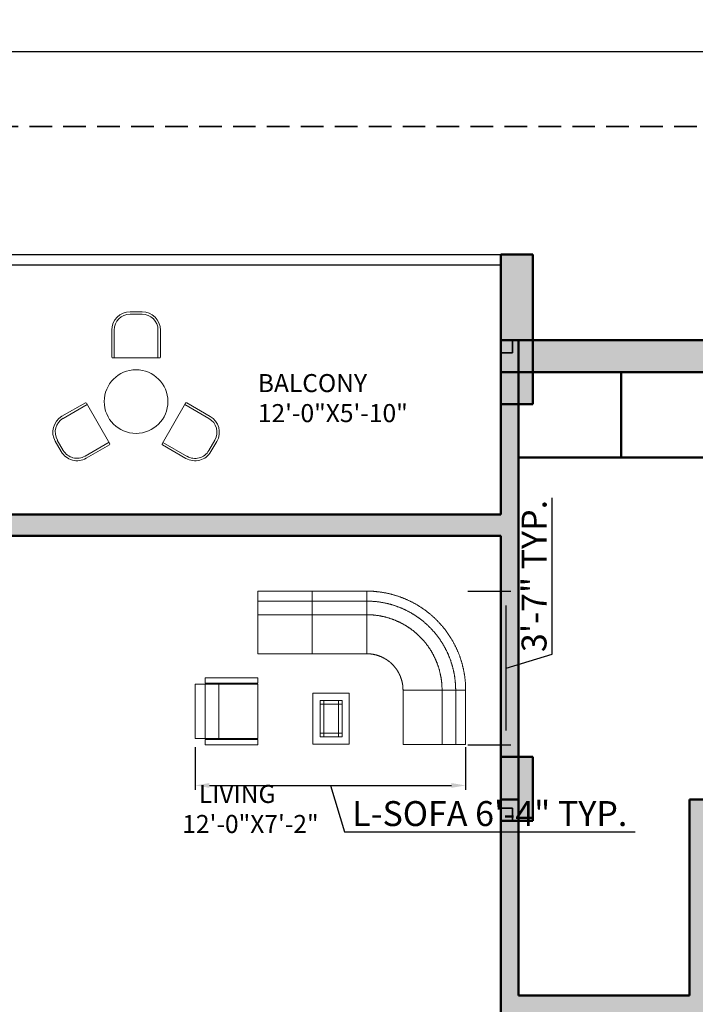
# Model space of a CAD drawing. Units: inches. Extents: x -7 to 1228, y -146 to 1091.
# Tile 87 of 88: x 816 to 1006, y 814 to 1091. Entities that reach past the tile are written whole.
import ezdxf

# ---------------------------------------------------------------- set-up
doc = ezdxf.new("R2010")
doc.units = ezdxf.units.IN
doc.linetypes.add('DASHED2', pattern=[9.525, 6.35, -3.175])
for name, color, linetype, lineweight in [('A-ANNO-DIMS', 2, 'Continuous', 18), ('A-AREA-IDEN', 7, 'Continuous', 18), ('A-COLS', 6, 'Continuous', 35), ('A-FURN', 8, 'Continuous', 18), ('A-GLAZ', 175, 'Continuous', 25), ('A-WALL', 7, 'Continuous', 50), ('A-WALL-PATT', 251, 'Continuous', 13), ('C-PROP', 1, 'DASHED2', 35)]:
    doc.layers.add(name, color=color, linetype=linetype, lineweight=lineweight)
doc.styles.get("Standard").update_dxf_attribs({"font": 'arial.ttf'})
doc.dimstyles.new('ISO-25', dxfattribs={"dimtxt": 7, "dimasz": 4, "dimexe": 1.25, "dimexo": 0.625, "dimtad": 1, "dimdec": 1, "dimlunit": 3, "dimtxsty": 'Standard', "dimcen": 2.5, "dimadec": 0, "dimazin": 0, "dimtfac": 1, "dimtdec": 1, "dimtmove": 1, "dimatfit": 3, "dimfxl": 1, "dimarcsym": 0})

# ---------------------------------------------------------------- blocks, each defined once
blk = doc.blocks.new('A$C5EBD0AE0')
for points in [[(1613, 2118, -75), (863, 2118, -75)], [(863, 2118, -75), (863, 1980, -75)], [(1613, 1255, -75), (1613, 2118, -75)], [(2363, 2118, -75), (1613, 2118, -75)], [(1613, 2118, -75), (1613, 1980, -75)], [(2363, 2118, -75), (2371, 2118, -75), (2379, 2118, -75), (2388, 2117, -75), (2396, 2117, -75), (2404, 2117, -75), (2413, 2117, -75), (2421, 2116, -75), (2429, 2116, -75), (2438, 2116, -75), (2446, 2115, -75), (2455, 2115, -75), (2463, 2114, -75), (2471, 2113, -75), (2480, 2113, -75), (2488, 2112, -75), (2496, 2111, -75), (2504, 2110, -75), (2513, 2109, -75), (2521, 2108, -75), (2529, 2107, -75), (2538, 2106, -75), (2546, 2105, -75), (2554, 2104, -75), (2563, 2103, -75), (2571, 2102, -75), (2579, 2100, -75), (2587, 2099, -75), (2596, 2098, -75), (2604, 2096, -75), (2612, 2095, -75), (2620, 2093, -75), (2628, 2092, -75), (2637, 2090, -75), (2645, 2088, -75), (2653, 2086, -75), (2661, 2085, -75), (2669, 2083, -75), (2677, 2081, -75), (2686, 2079, -75), (2694, 2077, -75), (2702, 2075, -75), (2710, 2073, -75), (2718, 2071, -75), (2726, 2068, -75), (2734, 2066, -75), (2742, 2064, -75), (2750, 2061, -75), (2758, 2059, -75), (2766, 2057, -75), (2774, 2054, -75), (2782, 2052, -75), (2790, 2049, -75), (2798, 2046, -75), (2806, 2044, -75), (2814, 2041, -75), (2822, 2038, -75), (2829, 2035, -75), (2837, 2032, -75), (2845, 2029, -75), (2853, 2026, -75), (2861, 2023, -75), (2869, 2020, -75), (2876, 2017, -75), (2884, 2014, -75), (2892, 2011, -75), (2899, 2008, -75), (2907, 2004, -75), (2915, 2001, -75), (2922, 1997, -75), (2930, 1994, -75), (2938, 1990, -75), (2945, 1987, -75), (2953, 1983, -75), (2960, 1980, -75), (2968, 1976, -75), (2975, 1972, -75), (2983, 1968, -75), (2990, 1965, -75), (2998, 1961, -75), (3005, 1957, -75), (3012, 1953, -75), (3020, 1949, -75), (3027, 1945, -75), (3034, 1941, -75), (3041, 1937, -75), (3049, 1932, -75), (3056, 1928, -75), (3063, 1924, -75), (3070, 1920, -75), (3077, 1915, -75), (3084, 1911, -75), (3092, 1906, -75), (3099, 1902, -75), (3106, 1897, -75), (3113, 1893, -75), (3120, 1888, -75), (3127, 1883, -75), (3133, 1879, -75), (3140, 1874, -75), (3147, 1869, -75), (3154, 1864, -75), (3161, 1859, -75), (3168, 1855, -75), (3174, 1850, -75), (3181, 1845, -75), (3188, 1840, -75), (3194, 1834, -75), (3201, 1829, -75), (3207, 1824, -75), (3214, 1819, -75), (3220, 1814, -75), (3227, 1808, -75), (3233, 1803, -75), (3240, 1798, -75), (3246, 1792, -75), (3253, 1787, -75), (3259, 1781, -75), (3265, 1776, -75), (3271, 1770, -75), (3278, 1765, -75), (3284, 1759, -75), (3290, 1753, -75), (3296, 1748, -75), (3302, 1742, -75), (3308, 1736, -75), (3314, 1730, -75), (3320, 1725, -75), (3326, 1719, -75), (3332, 1713, -75), (3338, 1707, -75), (3344, 1701, -75), (3349, 1695, -75), (3355, 1689, -75), (3361, 1683, -75), (3367, 1676, -75), (3372, 1670, -75), (3378, 1664, -75), (3383, 1658, -75), (3389, 1651, -75), (3394, 1645, -75), (3400, 1639, -75), (3405, 1632, -75), (3411, 1626, -75), (3416, 1620, -75), (3421, 1613, -75), (3426, 1607, -75), (3432, 1600, -75), (3437, 1593, -75), (3442, 1587, -75), (3447, 1580, -75), (3452, 1574, -75), (3457, 1567, -75), (3462, 1560, -75), (3467, 1553, -75), (3472, 1547, -75), (3477, 1540, -75), (3481, 1533, -75), (3486, 1526, -75), (3491, 1519, -75), (3495, 1512, -75), (3500, 1505, -75), (3505, 1498, -75), (3509, 1491, -75), (3514, 1484, -75), (3518, 1477, -75), (3523, 1470, -75), (3527, 1463, -75), (3531, 1456, -75), (3536, 1448, -75), (3540, 1441, -75), (3544, 1434, -75), (3548, 1427, -75), (3552, 1419, -75), (3556, 1412, -75), (3560, 1405, -75), (3564, 1397, -75), (3568, 1390, -75), (3572, 1383, -75), (3576, 1375, -75), (3580, 1368, -75), (3583, 1360, -75), (3587, 1353, -75), (3591, 1345, -75), (3594, 1338, -75), (3598, 1330, -75), (3601, 1323, -75), (3605, 1315, -75), (3608, 1307, -75), (3612, 1300, -75), (3615, 1292, -75), (3618, 1284, -75), (3621, 1277, -75), (3625, 1269, -75), (3628, 1261, -75), (3631, 1253, -75), (3634, 1246, -75), (3637, 1238, -75), (3640, 1230, -75), (3643, 1222, -75), (3645, 1214, -75), (3648, 1206, -75), (3651, 1198, -75), (3654, 1191, -75), (3656, 1183, -75), (3659, 1175, -75), (3661, 1167, -75), (3664, 1159, -75), (3666, 1151, -75), (3669, 1143, -75), (3671, 1135, -75), (3674, 1127, -75), (3676, 1119, -75), (3678, 1111, -75), (3680, 1102, -75), (3682, 1094, -75), (3684, 1086, -75), (3686, 1078, -75), (3688, 1070, -75), (3690, 1062, -75), (3692, 1054, -75), (3694, 1046, -75), (3696, 1037, -75), (3697, 1029, -75), (3699, 1021, -75), (3701, 1013, -75), (3702, 1005, -75), (3704, 996, -75), (3705, 988, -75), (3706, 980, -75), (3708, 972, -75), (3709, 963, -75), (3710, 955, -75), (3712, 947, -75), (3713, 939, -75), (3714, 930, -75), (3715, 922, -75), (3716, 914, -75), (3717, 905, -75), (3718, 897, -75), (3719, 889, -75), (3719, 880, -75), (3720, 872, -75), (3721, 864, -75), (3721, 855, -75), (3722, 847, -75), (3723, 839, -75), (3723, 830, -75), (3723, 822, -75), (3724, 814, -75), (3724, 805, -75), (3724, 797, -75), (3725, 789, -75), (3725, 780, -75), (3725, 772, -75), (3725, 764, -75), (3725, 755, -75)], [(2363, 1255, -75), (2363, 2118, -75)], [(2363, 1255, -75), (2363, 2118, -75)], [(863, 1980, -75), (1613, 1980, -75)], [(863, 1980, -75), (863, 1793, -75)], [(1613, 1980, -75), (2363, 1980, -75)], [(1613, 1980, -75), (1613, 1793, -75)], [(2363, 1980, -75), (2370, 1980, -75), (2378, 1980, -75), (2385, 1980, -75), (2393, 1980, -75), (2400, 1980, -75), (2408, 1979, -75), (2415, 1979, -75), (2423, 1979, -75), (2430, 1978, -75), (2438, 1978, -75), (2445, 1977, -75), (2453, 1977, -75), (2460, 1976, -75), (2468, 1976, -75), (2475, 1975, -75), (2483, 1974, -75), (2490, 1974, -75), (2498, 1973, -75), (2505, 1972, -75), (2513, 1971, -75), (2520, 1970, -75), (2527, 1969, -75), (2535, 1968, -75), (2542, 1967, -75), (2550, 1966, -75), (2557, 1965, -75), (2565, 1963, -75), (2572, 1962, -75), (2579, 1961, -75), (2587, 1960, -75), (2594, 1958, -75), (2602, 1957, -75), (2609, 1955, -75), (2616, 1954, -75), (2624, 1952, -75), (2631, 1950, -75), (2638, 1949, -75), (2646, 1947, -75), (2653, 1945, -75), (2660, 1943, -75), (2668, 1942, -75), (2675, 1940, -75), (2682, 1938, -75), (2689, 1936, -75), (2697, 1934, -75), (2704, 1932, -75), (2711, 1930, -75), (2718, 1927, -75), (2725, 1925, -75), (2733, 1923, -75), (2740, 1921, -75), (2747, 1918, -75), (2754, 1916, -75), (2761, 1914, -75), (2768, 1911, -75), (2775, 1909, -75), (2782, 1906, -75), (2789, 1903, -75), (2796, 1901, -75), (2803, 1898, -75), (2810, 1895, -75), (2817, 1893, -75), (2824, 1890, -75), (2831, 1887, -75), (2838, 1884, -75), (2845, 1881, -75), (2852, 1878, -75), (2859, 1875, -75), (2866, 1872, -75), (2873, 1869, -75), (2880, 1866, -75), (2886, 1863, -75), (2893, 1859, -75), (2900, 1856, -75), (2907, 1853, -75), (2913, 1849, -75), (2920, 1846, -75), (2927, 1843, -75), (2933, 1839, -75), (2940, 1836, -75), (2947, 1832, -75), (2953, 1828, -75), (2960, 1825, -75), (2966, 1821, -75), (2973, 1817, -75), (2979, 1814, -75), (2986, 1810, -75), (2992, 1806, -75), (2999, 1802, -75), (3005, 1798, -75), (3012, 1794, -75), (3018, 1790, -75), (3024, 1786, -75), (3031, 1782, -75), (3037, 1778, -75), (3043, 1774, -75), (3049, 1770, -75), (3056, 1765, -75), (3062, 1761, -75), (3068, 1757, -75), (3074, 1752, -75), (3080, 1748, -75), (3086, 1744, -75), (3092, 1739, -75), (3098, 1735, -75), (3104, 1730, -75), (3110, 1726, -75), (3116, 1721, -75), (3122, 1716, -75), (3128, 1712, -75), (3134, 1707, -75), (3140, 1702, -75), (3146, 1697, -75), (3151, 1693, -75), (3157, 1688, -75), (3163, 1683, -75), (3168, 1678, -75), (3174, 1673, -75), (3180, 1668, -75), (3185, 1663, -75), (3191, 1658, -75), (3196, 1653, -75), (3202, 1648, -75), (3207, 1642, -75), (3213, 1637, -75), (3218, 1632, -75), (3223, 1627, -75), (3229, 1621, -75), (3234, 1616, -75), (3239, 1611, -75), (3245, 1605, -75), (3250, 1600, -75), (3255, 1594, -75), (3260, 1589, -75), (3265, 1583, -75), (3270, 1578, -75), (3275, 1572, -75), (3280, 1567, -75), (3285, 1561, -75), (3290, 1555, -75), (3295, 1550, -75), (3300, 1544, -75), (3305, 1538, -75), (3310, 1532, -75), (3314, 1527, -75), (3319, 1521, -75), (3324, 1515, -75), (3328, 1509, -75), (3333, 1503, -75), (3338, 1497, -75), (3342, 1491, -75), (3347, 1485, -75), (3351, 1479, -75), (3355, 1473, -75), (3360, 1467, -75), (3364, 1461, -75), (3368, 1454, -75), (3373, 1448, -75), (3377, 1442, -75), (3381, 1436, -75), (3385, 1430, -75), (3389, 1423, -75), (3394, 1417, -75), (3398, 1411, -75), (3402, 1404, -75), (3406, 1398, -75), (3409, 1391, -75), (3413, 1385, -75), (3417, 1379, -75), (3421, 1372, -75), (3425, 1366, -75), (3428, 1359, -75), (3432, 1352, -75), (3436, 1346, -75), (3439, 1339, -75), (3443, 1333, -75), (3446, 1326, -75), (3450, 1319, -75), (3453, 1313, -75), (3457, 1306, -75), (3460, 1299, -75), (3463, 1293, -75), (3467, 1286, -75), (3470, 1279, -75), (3473, 1272, -75), (3476, 1265, -75), (3479, 1258, -75), (3483, 1252, -75), (3486, 1245, -75), (3489, 1238, -75), (3491, 1231, -75), (3494, 1224, -75), (3497, 1217, -75), (3500, 1210, -75), (3503, 1203, -75), (3506, 1196, -75), (3508, 1189, -75), (3511, 1182, -75), (3513, 1175, -75), (3516, 1168, -75), (3519, 1161, -75), (3521, 1154, -75), (3523, 1147, -75), (3526, 1139, -75), (3528, 1132, -75), (3530, 1125, -75), (3533, 1118, -75), (3535, 1111, -75), (3537, 1104, -75), (3539, 1096, -75), (3541, 1089, -75), (3543, 1082, -75), (3545, 1075, -75), (3547, 1067, -75), (3549, 1060, -75), (3551, 1053, -75), (3553, 1046, -75), (3554, 1038, -75), (3556, 1031, -75), (3558, 1024, -75), (3559, 1016, -75), (3561, 1009, -75), (3563, 1002, -75), (3564, 994, -75), (3566, 987, -75), (3567, 979, -75), (3568, 972, -75), (3570, 965, -75), (3571, 957, -75), (3572, 950, -75), (3573, 942, -75), (3574, 935, -75), (3575, 928, -75), (3576, 920, -75), (3577, 913, -75), (3578, 905, -75), (3579, 898, -75), (3580, 890, -75), (3581, 883, -75), (3582, 875, -75), (3582, 868, -75), (3583, 860, -75), (3584, 853, -75), (3584, 845, -75), (3585, 838, -75), (3585, 830, -75), (3586, 823, -75), (3586, 815, -75), (3586, 808, -75), (3587, 800, -75), (3587, 793, -75), (3587, 785, -75), (3587, 778, -75), (3588, 770, -75), (3588, 763, -75), (3588, 755, -75)], [(863, 1793, -75), (1613, 1793, -75)], [(863, 1793, -75), (863, 1255, -75)], [(1613, 1793, -75), (1613, 1255, -75)], [(1613, 1793, -75), (2363, 1793, -75)], [(2363, 1793, -75), (2369, 1793, -75), (2375, 1793, -75), (2382, 1793, -75), (2388, 1792, -75), (2394, 1792, -75), (2401, 1792, -75), (2407, 1792, -75), (2414, 1791, -75), (2420, 1791, -75), (2426, 1791, -75), (2433, 1790, -75), (2439, 1790, -75), (2445, 1789, -75), (2452, 1789, -75), (2458, 1788, -75), (2464, 1788, -75), (2471, 1787, -75), (2477, 1786, -75), (2483, 1786, -75), (2490, 1785, -75), (2496, 1784, -75), (2502, 1783, -75), (2509, 1782, -75), (2515, 1781, -75), (2521, 1781, -75), (2527, 1780, -75), (2534, 1779, -75), (2540, 1777, -75), (2546, 1776, -75), (2553, 1775, -75), (2559, 1774, -75), (2565, 1773, -75), (2571, 1772, -75), (2577, 1770, -75), (2584, 1769, -75), (2590, 1768, -75), (2596, 1766, -75), (2602, 1765, -75), (2609, 1763, -75), (2615, 1762, -75), (2621, 1760, -75), (2627, 1758, -75), (2633, 1757, -75), (2639, 1755, -75), (2645, 1753, -75), (2652, 1752, -75), (2658, 1750, -75), (2664, 1748, -75), (2670, 1746, -75), (2676, 1744, -75), (2682, 1742, -75), (2688, 1740, -75), (2694, 1738, -75), (2700, 1736, -75), (2706, 1734, -75), (2712, 1732, -75), (2718, 1730, -75), (2724, 1728, -75), (2730, 1725, -75), (2736, 1723, -75), (2742, 1721, -75), (2748, 1719, -75), (2754, 1716, -75), (2760, 1714, -75), (2766, 1711, -75), (2771, 1709, -75), (2777, 1706, -75), (2783, 1704, -75), (2789, 1701, -75), (2795, 1698, -75), (2800, 1696, -75), (2806, 1693, -75), (2812, 1690, -75), (2818, 1688, -75), (2823, 1685, -75), (2829, 1682, -75), (2835, 1679, -75), (2840, 1676, -75), (2846, 1673, -75), (2852, 1670, -75), (2857, 1667, -75), (2863, 1664, -75), (2868, 1661, -75), (2874, 1658, -75), (2880, 1655, -75), (2885, 1652, -75), (2891, 1648, -75), (2896, 1645, -75), (2901, 1642, -75), (2907, 1638, -75), (2912, 1635, -75), (2918, 1632, -75), (2923, 1628, -75), (2928, 1625, -75), (2934, 1621, -75), (2939, 1618, -75), (2944, 1614, -75), (2950, 1611, -75), (2955, 1607, -75), (2960, 1603, -75), (2965, 1600, -75), (2970, 1596, -75), (2976, 1592, -75), (2981, 1589, -75), (2986, 1585, -75), (2991, 1581, -75), (2996, 1577, -75), (3001, 1573, -75), (3006, 1569, -75), (3011, 1565, -75), (3016, 1561, -75), (3021, 1557, -75), (3026, 1553, -75), (3031, 1549, -75), (3035, 1545, -75), (3040, 1541, -75), (3045, 1537, -75), (3050, 1532, -75), (3055, 1528, -75), (3059, 1524, -75), (3064, 1520, -75), (3069, 1515, -75), (3073, 1511, -75), (3078, 1507, -75), (3083, 1502, -75), (3087, 1498, -75), (3092, 1493, -75), (3096, 1489, -75), (3101, 1484, -75), (3105, 1480, -75), (3110, 1475, -75), (3114, 1471, -75), (3118, 1466, -75), (3123, 1461, -75), (3127, 1457, -75), (3131, 1452, -75), (3136, 1447, -75), (3140, 1442, -75), (3144, 1438, -75), (3148, 1433, -75), (3152, 1428, -75), (3156, 1423, -75), (3161, 1418, -75), (3165, 1413, -75), (3169, 1408, -75), (3173, 1404, -75), (3177, 1399, -75), (3181, 1394, -75), (3184, 1388, -75), (3188, 1383, -75), (3192, 1378, -75), (3196, 1373, -75), (3200, 1368, -75), (3203, 1363, -75), (3207, 1358, -75), (3211, 1353, -75), (3215, 1347, -75), (3218, 1342, -75), (3222, 1337, -75), (3225, 1332, -75), (3229, 1326, -75), (3232, 1321, -75), (3236, 1316, -75), (3239, 1310, -75), (3243, 1305, -75), (3246, 1299, -75), (3249, 1294, -75), (3253, 1289, -75), (3256, 1283, -75), (3259, 1278, -75), (3262, 1272, -75), (3265, 1267, -75), (3268, 1261, -75), (3272, 1255, -75), (3275, 1250, -75), (3278, 1244, -75), (3281, 1239, -75), (3284, 1233, -75), (3286, 1227, -75), (3289, 1222, -75), (3292, 1216, -75), (3295, 1210, -75), (3298, 1205, -75), (3300, 1199, -75), (3303, 1193, -75), (3306, 1187, -75), (3309, 1181, -75), (3311, 1176, -75), (3314, 1170, -75), (3316, 1164, -75), (3319, 1158, -75), (3321, 1152, -75), (3324, 1146, -75), (3326, 1140, -75), (3328, 1135, -75), (3331, 1129, -75), (3333, 1123, -75), (3335, 1117, -75), (3337, 1111, -75), (3339, 1105, -75), (3342, 1099, -75), (3344, 1093, -75), (3346, 1087, -75), (3348, 1081, -75), (3350, 1075, -75), (3352, 1069, -75), (3354, 1062, -75), (3355, 1056, -75), (3357, 1050, -75), (3359, 1044, -75), (3361, 1038, -75), (3363, 1032, -75), (3364, 1026, -75), (3366, 1020, -75), (3367, 1013, -75), (3369, 1007, -75), (3371, 1001, -75), (3372, 995, -75), (3373, 989, -75), (3375, 983, -75), (3376, 976, -75), (3378, 970, -75), (3379, 964, -75), (3380, 958, -75), (3381, 951, -75), (3383, 945, -75), (3384, 939, -75), (3385, 933, -75), (3386, 926, -75), (3387, 920, -75), (3388, 914, -75), (3389, 907, -75), (3390, 901, -75), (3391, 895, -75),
☆ ☆ ☆ ☆ ☆ ☆ ☆
→ What the task requires
From the opening line of the entries above to the line containing "doc.linetypes.add('DASHED2', pattern=[9.525, 6.35, -3.175])", please transcribe each line exactly, skipping every picture.

→ Expected answer
# Model space of a CAD drawing. Units: inches. Extents: x -7 to 1228, y -146 to 1091.
# Tile 87 of 88: x 816 to 1006, y 814 to 1091. Entities that reach past the tile are written whole.
import ezdxf

# ---------------------------------------------------------------- set-up
doc = ezdxf.new("R2010")
doc.units = ezdxf.units.IN
doc.linetypes.add('DASHED2', pattern=[9.525, 6.35, -3.175])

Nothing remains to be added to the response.